## [What to work on]
Everything in the records below is to be reproduced exactly, apart from the images.

## [Extracted data]

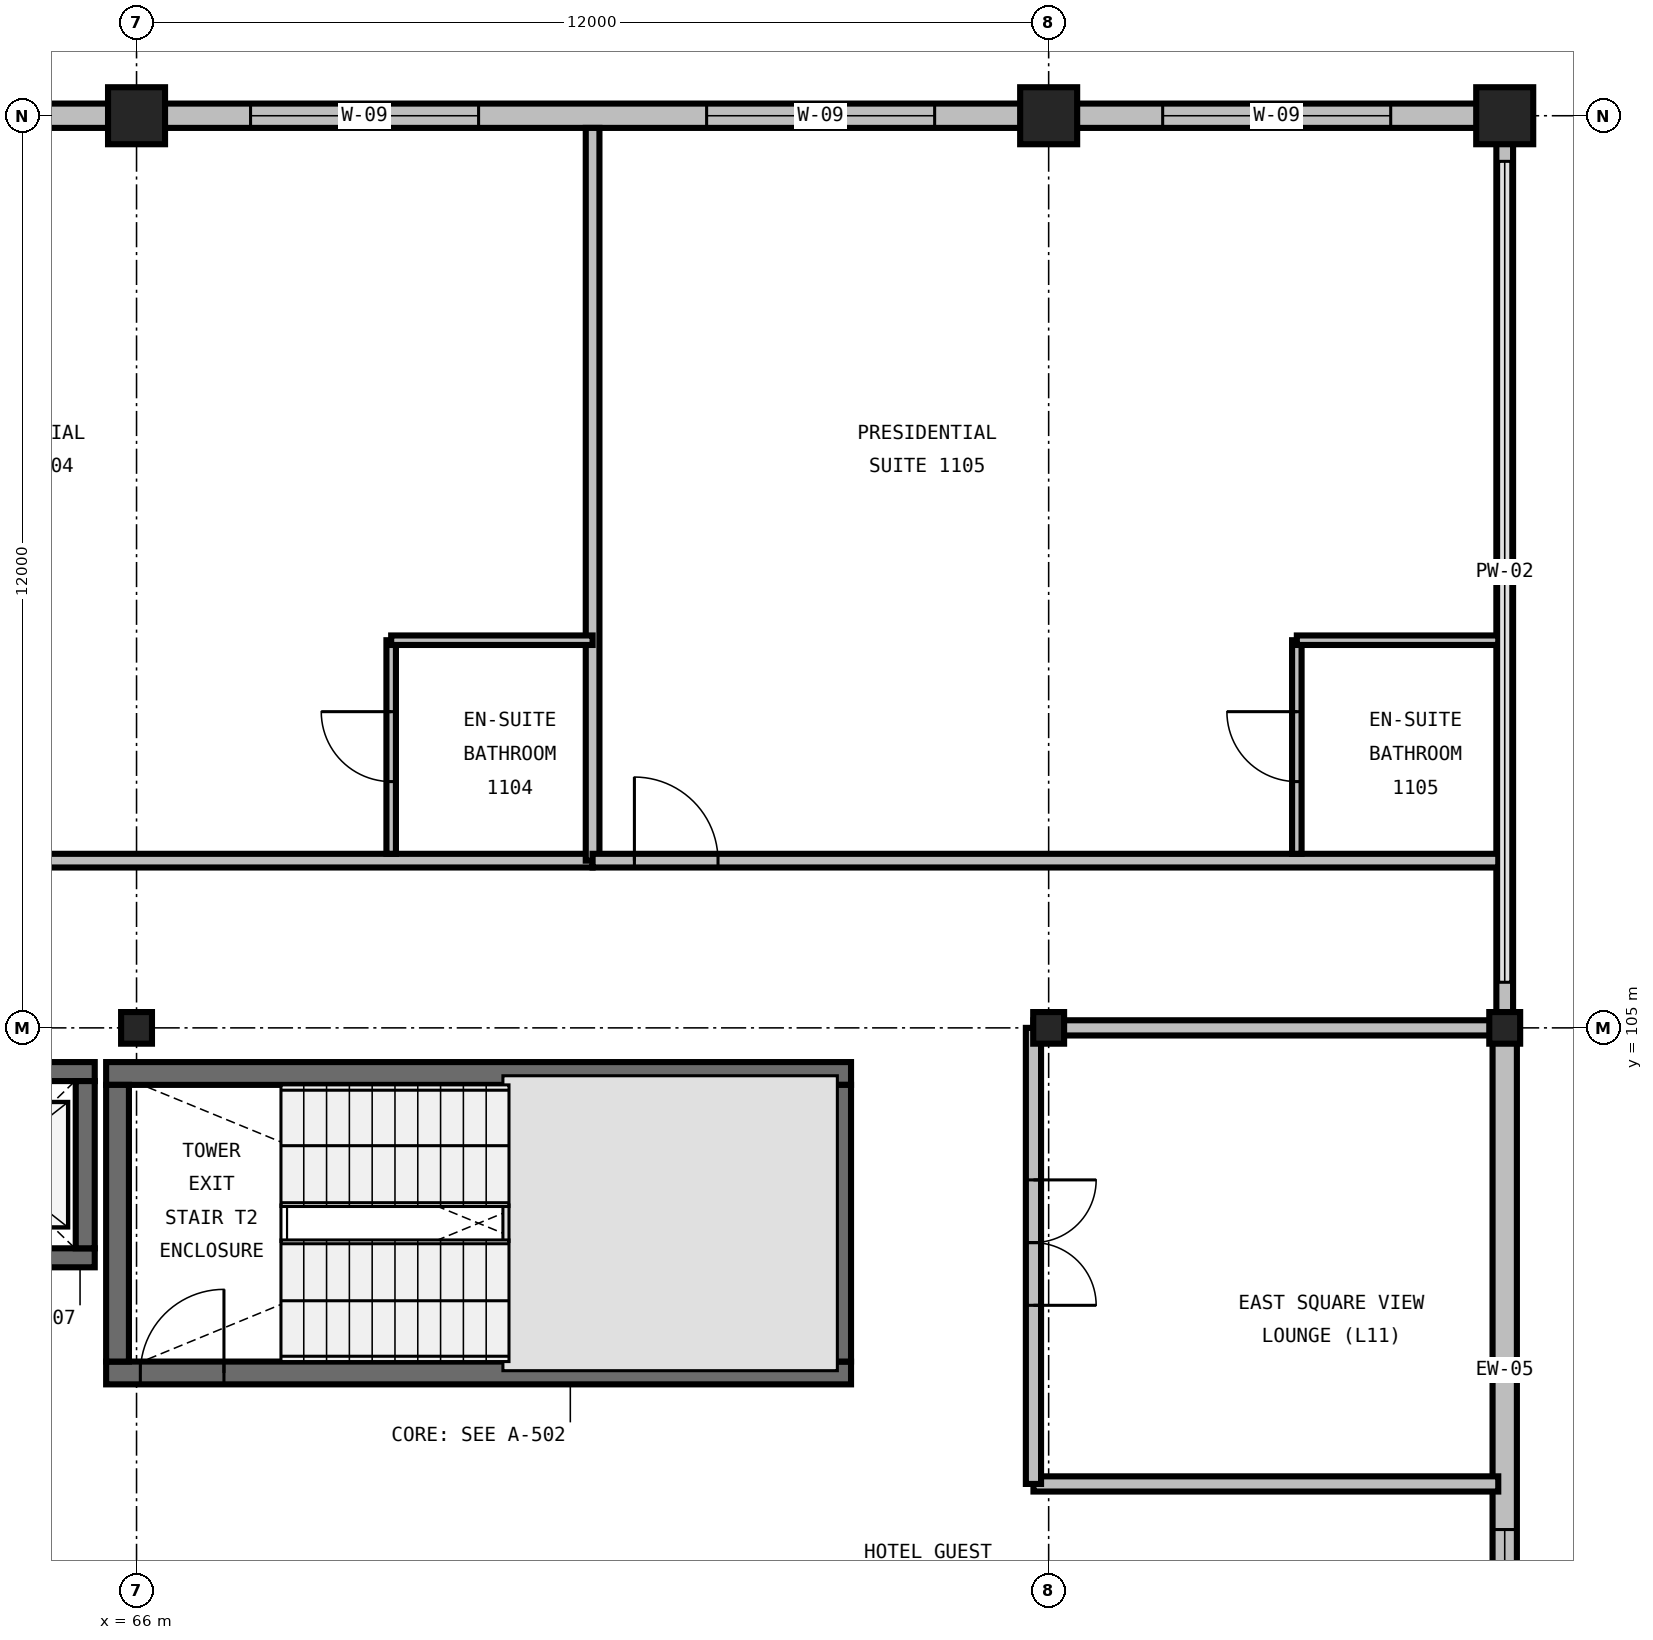
"""IFC4 building model, lengths in metres.
Left out: names, types, materials, properties, quantities, classifications, styles, units other than length and angle.
Written with IfcOpenShell. Run it as: python <this file> out.ifc"""

import sys

from ifc_helpers import new_model, si_unit, direction, frame, frame_2d, origin, origin_2d, place, context, subcontext, project, spatial, rectangle, i_section, extrude, element, fill, save


model = new_model("IFC4")
c1 = context("Model", 3, precision=1e-05, world=origin(), true_north=direction((0.0, 1.0)))
c2 = subcontext(c1, "Body", "Model", "MODEL_VIEW")
j1 = project(units=[si_unit("LENGTHUNIT", "METRE"), si_unit("PLANEANGLEUNIT", "RADIAN")], contexts=[c1])
p1 = place(None, origin())
s1 = spatial("IfcSite", under=j1, at=p1, CompositionType="ELEMENT")
p2 = place(p1, origin())
s2 = spatial("IfcBuilding", under=s1, at=p2, CompositionType="ELEMENT")
p3 = place(p2, frame((0.0, 0.0, 49.2)))
s3 = spatial("IfcBuildingStorey", under=s2, at=p3, CompositionType="ELEMENT", Elevation=49.2)
p4 = place(p3, frame((66.0, 105.0, 0.0), z_axis=(0.0, 0.0, 1.0), x_axis=(1.0, 0.0, 0.0)))
e1 = element("IfcColumn", 1, at=p4, inside=s3, PredefinedType="COLUMN", context=c2, shape_type="SweptSolid", body=[
    extrude(i_section(OverallWidth=0.406, OverallDepth=0.416, WebThickness=0.03, FlangeThickness=0.048, FilletRadius=0.031, at=origin_2d()), origin(), (0.0, 0.0, 1.0), 3.6),
])
p5 = place(p3, frame((66.0, 117.0, 0.0), z_axis=(0.0, 0.0, 1.0), x_axis=(1.0, 0.0, 0.0)))
e2 = element("IfcColumn", 2, at=p5, inside=s3, PredefinedType="COLUMN", context=c2, shape_type="SweptSolid", body=[
    extrude(rectangle(XDim=0.75, YDim=0.75, at=origin_2d()), origin(), (0.0, 0.0, 1.0), 3.6),
])
p6 = place(p3, frame((78.0, 105.0, 0.0), z_axis=(0.0, 0.0, 1.0), x_axis=(1.0, 0.0, 0.0)))
e3 = element("IfcColumn", 3, at=p6, inside=s3, PredefinedType="COLUMN", context=c2, shape_type="SweptSolid", body=[
    extrude(i_section(OverallWidth=0.406, OverallDepth=0.416, WebThickness=0.03, FlangeThickness=0.048, FilletRadius=0.031, at=origin_2d()), origin(), (0.0, 0.0, 1.0), 3.6),
])
p7 = place(p3, frame((78.0, 117.0, 0.0), z_axis=(0.0, 0.0, 1.0), x_axis=(1.0, 0.0, 0.0)))
e4 = element("IfcColumn", 4, at=p7, inside=s3, PredefinedType="COLUMN", context=c2, shape_type="SweptSolid", body=[
    extrude(rectangle(XDim=0.75, YDim=0.75, at=origin_2d()), origin(), (0.0, 0.0, 1.0), 3.6),
])
p8 = place(p3, frame((84.0, 105.0, 0.0), z_axis=(0.0, 0.0, 1.0), x_axis=(1.0, 0.0, 0.0)))
e5 = element("IfcColumn", 5, at=p8, inside=s3, PredefinedType="COLUMN", context=c2, shape_type="SweptSolid", body=[
    extrude(i_section(OverallWidth=0.406, OverallDepth=0.416, WebThickness=0.03, FlangeThickness=0.048, FilletRadius=0.031, at=origin_2d()), origin(), (0.0, 0.0, 1.0), 3.6),
])
p9 = place(p3, frame((84.0, 117.0, 0.0), z_axis=(0.0, 0.0, 1.0), x_axis=(1.0, 0.0, 0.0)))
e6 = element("IfcColumn", 6, at=p9, inside=s3, PredefinedType="COLUMN", context=c2, shape_type="SweptSolid", body=[
    extrude(rectangle(XDim=0.75, YDim=0.75, at=origin_2d()), origin(), (0.0, 0.0, 1.0), 3.6),
])
p10 = place(p3, frame((65.6, 100.46, 0.0), z_axis=(0.0, 0.0, 1.0), x_axis=(1.0, 0.0, 0.0)))
e7 = element("IfcWall", 7, at=p10, inside=s3, PredefinedType="SHEAR", context=c2, shape_type="SweptSolid", body=[
    extrude(rectangle(XDim=9.8, YDim=0.3, at=frame_2d((4.9, 0.0))), origin(), (0.0, 0.0, 1.0), 3.6),
])
p11 = place(p10, frame((0.45, 0.0, 0.0)))
e8 = element("IfcOpeningElement", 8, at=p11, cuts=e7, PredefinedType="OPENING", context=c2, shape_type="SweptSolid", body=[
    extrude(rectangle(XDim=1.1, YDim=2.2, at=frame_2d((0.55, 1.1))), frame((0.0, 0.165, 0.0), z_axis=(0.0, -1.0, 0.0), x_axis=(1.0, 0.0, 0.0)), (0.0, 0.0, 1.0), 0.33),
])
p12 = place(p3, frame((75.4, 104.4, 0.0), z_axis=(0.0, 0.0, 1.0), x_axis=(-1.0, 0.0, 0.0)))
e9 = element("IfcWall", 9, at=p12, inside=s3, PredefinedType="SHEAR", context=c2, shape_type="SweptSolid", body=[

## [Solution]
"""IFC4 building model, lengths in metres.
Left out: names, types, materials, properties, quantities, classifications, styles, units other than length and angle.
Written with IfcOpenShell. Run it as: python <this file> out.ifc"""

import sys

from ifc_helpers import new_model, si_unit, direction, frame, frame_2d, origin, origin_2d, place, context, subcontext, project, spatial, rectangle, i_section, extrude, element, fill, save


model = new_model("IFC4")
c1 = context("Model", 3, precision=1e-05, world=origin(), true_north=direction((0.0, 1.0)))
c2 = subcontext(c1, "Body", "Model", "MODEL_VIEW")
j1 = project(units=[si_unit("LENGTHUNIT", "METRE"), si_unit("PLANEANGLEUNIT", "RADIAN")], contexts=[c1])
p1 = place(None, origin())
s1 = spatial("IfcSite", under=j1, at=p1, CompositionType="ELEMENT")
p2 = place(p1, origin())
s2 = spatial("IfcBuilding", under=s1, at=p2, CompositionType="ELEMENT")
p3 = place(p2, frame((0.0, 0.0, 49.2)))
s3 = spatial("IfcBuildingStorey", under=s2, at=p3, CompositionType="ELEMENT", Elevation=49.2)
p4 = place(p3, frame((66.0, 105.0, 0.0), z_axis=(0.0, 0.0, 1.0), x_axis=(1.0, 0.0, 0.0)))
e1 = element("IfcColumn", 1, at=p4, inside=s3, PredefinedType="COLUMN", context=c2, shape_type="SweptSolid", body=[
    extrude(i_section(OverallWidth=0.406, OverallDepth=0.416, WebThickness=0.03, FlangeThickness=0.048, FilletRadius=0.031, at=origin_2d()), origin(), (0.0, 0.0, 1.0), 3.6),
])
p5 = place(p3, frame((66.0, 117.0, 0.0), z_axis=(0.0, 0.0, 1.0), x_axis=(1.0, 0.0, 0.0)))
e2 = element("IfcColumn", 2, at=p5, inside=s3, PredefinedType="COLUMN", context=c2, shape_type="SweptSolid", body=[
    extrude(rectangle(XDim=0.75, YDim=0.75, at=origin_2d()), origin(), (0.0, 0.0, 1.0), 3.6),
])
p6 = place(p3, frame((78.0, 105.0, 0.0), z_axis=(0.0, 0.0, 1.0), x_axis=(1.0, 0.0, 0.0)))
e3 = element("IfcColumn", 3, at=p6, inside=s3, PredefinedType="COLUMN", context=c2, shape_type="SweptSolid", body=[
    extrude(i_section(OverallWidth=0.406, OverallDepth=0.416, WebThickness=0.03, FlangeThickness=0.048, FilletRadius=0.031, at=origin_2d()), origin(), (0.0, 0.0, 1.0), 3.6),
])
p7 = place(p3, frame((78.0, 117.0, 0.0), z_axis=(0.0, 0.0, 1.0), x_axis=(1.0, 0.0, 0.0)))
e4 = element("IfcColumn", 4, at=p7, inside=s3, PredefinedType="COLUMN", context=c2, shape_type="SweptSolid", body=[
    extrude(rectangle(XDim=0.75, YDim=0.75, at=origin_2d()), origin(), (0.0, 0.0, 1.0), 3.6),
])
p8 = place(p3, frame((84.0, 105.0, 0.0), z_axis=(0.0, 0.0, 1.0), x_axis=(1.0, 0.0, 0.0)))
e5 = element("IfcColumn", 5, at=p8, inside=s3, PredefinedType="COLUMN", context=c2, shape_type="SweptSolid", body=[
    extrude(i_section(OverallWidth=0.406, OverallDepth=0.416, WebThickness=0.03, FlangeThickness=0.048, FilletRadius=0.031, at=origin_2d()), origin(), (0.0, 0.0, 1.0), 3.6),
])
p9 = place(p3, frame((84.0, 117.0, 0.0), z_axis=(0.0, 0.0, 1.0), x_axis=(1.0, 0.0, 0.0)))
e6 = element("IfcColumn", 6, at=p9, inside=s3, PredefinedType="COLUMN", context=c2, shape_type="SweptSolid", body=[
    extrude(rectangle(XDim=0.75, YDim=0.75, at=origin_2d()), origin(), (0.0, 0.0, 1.0), 3.6),
])
p10 = place(p3, frame((65.6, 100.46, 0.0), z_axis=(0.0, 0.0, 1.0), x_axis=(1.0, 0.0, 0.0)))
e7 = element("IfcWall", 7, at=p10, inside=s3, PredefinedType="SHEAR", context=c2, shape_type="SweptSolid", body=[
    extrude(rectangle(XDim=9.8, YDim=0.3, at=frame_2d((4.9, 0.0))), origin(), (0.0, 0.0, 1.0), 3.6),
])
p11 = place(p10, frame((0.45, 0.0, 0.0)))
e8 = element("IfcOpeningElement", 8, at=p11, cuts=e7, PredefinedType="OPENING", context=c2, shape_type="SweptSolid", body=[
    extrude(rectangle(XDim=1.1, YDim=2.2, at=frame_2d((0.55, 1.1))), frame((0.0, 0.165, 0.0), z_axis=(0.0, -1.0, 0.0), x_axis=(1.0, 0.0, 0.0)), (0.0, 0.0, 1.0), 0.33),
])
p12 = place(p3, frame((75.4, 104.4, 0.0), z_axis=(0.0, 0.0, 1.0), x_axis=(-1.0, 0.0, 0.0)))
e9 = element("IfcWall", 9, at=p12, inside=s3, PredefinedType="SHEAR", context=c2, shape_type="SweptSolid", body=[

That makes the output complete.